> [EXERCISE PROMPT]:
Below are the entries; return every line among them that holds the word "half".
____________
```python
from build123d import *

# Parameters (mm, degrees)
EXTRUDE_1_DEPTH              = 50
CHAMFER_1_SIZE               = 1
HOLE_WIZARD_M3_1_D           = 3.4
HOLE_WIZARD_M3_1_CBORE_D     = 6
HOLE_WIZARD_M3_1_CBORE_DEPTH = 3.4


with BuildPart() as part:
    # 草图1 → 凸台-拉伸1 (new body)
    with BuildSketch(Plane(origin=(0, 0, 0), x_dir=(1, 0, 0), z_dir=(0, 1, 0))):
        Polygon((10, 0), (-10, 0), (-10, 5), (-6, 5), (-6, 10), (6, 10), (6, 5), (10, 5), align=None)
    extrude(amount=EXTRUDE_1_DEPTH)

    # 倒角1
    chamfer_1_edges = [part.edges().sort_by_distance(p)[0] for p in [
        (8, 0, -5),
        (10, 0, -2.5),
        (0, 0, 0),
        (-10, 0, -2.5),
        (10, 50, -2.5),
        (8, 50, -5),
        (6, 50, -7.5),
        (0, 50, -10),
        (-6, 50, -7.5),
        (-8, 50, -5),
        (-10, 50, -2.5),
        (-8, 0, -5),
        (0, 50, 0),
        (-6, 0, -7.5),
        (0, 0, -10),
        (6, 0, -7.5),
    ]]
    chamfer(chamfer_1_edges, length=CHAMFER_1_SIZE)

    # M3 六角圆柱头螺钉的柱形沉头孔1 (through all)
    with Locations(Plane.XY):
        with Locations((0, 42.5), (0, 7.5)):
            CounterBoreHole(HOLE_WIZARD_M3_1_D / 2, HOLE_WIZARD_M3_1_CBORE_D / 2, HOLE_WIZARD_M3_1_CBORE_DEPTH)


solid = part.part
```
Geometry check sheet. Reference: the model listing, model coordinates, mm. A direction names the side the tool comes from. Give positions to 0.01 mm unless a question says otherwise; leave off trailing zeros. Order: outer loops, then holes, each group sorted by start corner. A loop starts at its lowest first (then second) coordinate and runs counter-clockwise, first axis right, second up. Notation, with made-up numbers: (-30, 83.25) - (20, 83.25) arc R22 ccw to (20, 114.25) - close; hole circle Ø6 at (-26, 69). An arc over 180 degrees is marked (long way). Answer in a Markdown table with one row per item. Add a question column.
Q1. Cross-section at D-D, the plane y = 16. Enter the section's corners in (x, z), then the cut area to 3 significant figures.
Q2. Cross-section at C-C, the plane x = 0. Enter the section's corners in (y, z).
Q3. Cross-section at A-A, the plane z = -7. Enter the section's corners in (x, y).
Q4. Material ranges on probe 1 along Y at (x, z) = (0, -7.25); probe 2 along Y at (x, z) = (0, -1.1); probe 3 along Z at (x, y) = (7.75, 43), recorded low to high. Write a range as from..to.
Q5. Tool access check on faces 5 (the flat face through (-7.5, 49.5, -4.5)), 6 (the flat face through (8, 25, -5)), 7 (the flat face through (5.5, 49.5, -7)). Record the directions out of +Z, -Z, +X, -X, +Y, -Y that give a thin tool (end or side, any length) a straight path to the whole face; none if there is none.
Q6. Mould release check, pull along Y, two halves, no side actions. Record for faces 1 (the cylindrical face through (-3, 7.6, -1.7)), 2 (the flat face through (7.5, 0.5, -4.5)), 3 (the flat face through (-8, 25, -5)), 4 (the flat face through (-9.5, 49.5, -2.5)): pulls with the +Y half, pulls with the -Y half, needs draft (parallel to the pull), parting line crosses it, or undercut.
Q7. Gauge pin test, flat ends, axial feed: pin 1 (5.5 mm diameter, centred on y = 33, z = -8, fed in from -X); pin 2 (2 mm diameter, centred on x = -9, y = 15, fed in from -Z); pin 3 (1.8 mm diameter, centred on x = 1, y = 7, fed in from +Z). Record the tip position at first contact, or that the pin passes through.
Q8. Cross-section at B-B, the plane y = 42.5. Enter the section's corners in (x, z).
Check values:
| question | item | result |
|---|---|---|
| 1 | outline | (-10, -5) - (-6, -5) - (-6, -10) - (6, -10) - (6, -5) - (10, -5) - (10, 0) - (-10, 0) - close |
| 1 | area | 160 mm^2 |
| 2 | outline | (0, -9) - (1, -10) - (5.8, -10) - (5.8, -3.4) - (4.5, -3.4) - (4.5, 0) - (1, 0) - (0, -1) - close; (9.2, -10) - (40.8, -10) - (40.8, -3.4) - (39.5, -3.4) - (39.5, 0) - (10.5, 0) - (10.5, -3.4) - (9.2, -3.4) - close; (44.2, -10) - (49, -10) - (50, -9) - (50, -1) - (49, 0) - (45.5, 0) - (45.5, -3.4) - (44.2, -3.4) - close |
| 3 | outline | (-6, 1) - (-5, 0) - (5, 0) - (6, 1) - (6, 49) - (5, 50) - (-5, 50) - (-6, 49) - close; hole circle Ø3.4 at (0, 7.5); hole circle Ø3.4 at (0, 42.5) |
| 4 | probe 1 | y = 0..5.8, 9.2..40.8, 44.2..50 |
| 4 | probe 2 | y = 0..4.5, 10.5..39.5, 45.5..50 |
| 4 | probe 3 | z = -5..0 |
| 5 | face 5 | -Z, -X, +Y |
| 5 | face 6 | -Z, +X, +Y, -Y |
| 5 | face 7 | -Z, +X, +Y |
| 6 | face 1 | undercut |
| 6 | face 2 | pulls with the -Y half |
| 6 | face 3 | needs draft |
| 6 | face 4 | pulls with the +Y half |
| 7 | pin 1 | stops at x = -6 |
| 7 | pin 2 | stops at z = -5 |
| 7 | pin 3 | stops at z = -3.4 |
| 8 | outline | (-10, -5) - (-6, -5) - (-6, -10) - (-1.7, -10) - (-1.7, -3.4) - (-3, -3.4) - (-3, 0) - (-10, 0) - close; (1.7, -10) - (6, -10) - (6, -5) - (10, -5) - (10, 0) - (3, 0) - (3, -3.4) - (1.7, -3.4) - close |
____________
> [FINISHED EXERCISE]:
Q6. Mould release check, pull along Y, two halves, no side actions. Record for faces 1 (the cylindrical face through (-3, 7.6, -1.7)), 2 (the flat face through (7.5, 0.5, -4.5)), 3 (the flat face through (-8, 25, -5)), 4 (the flat face through (-9.5, 49.5, -2.5)): pulls with the +Y half, pulls with the -Y half, needs draft (parallel to the pull), parting line crosses it, or undercut.
| 6 | face 2 | pulls with the -Y half |
| 6 | face 4 | pulls with the +Y half |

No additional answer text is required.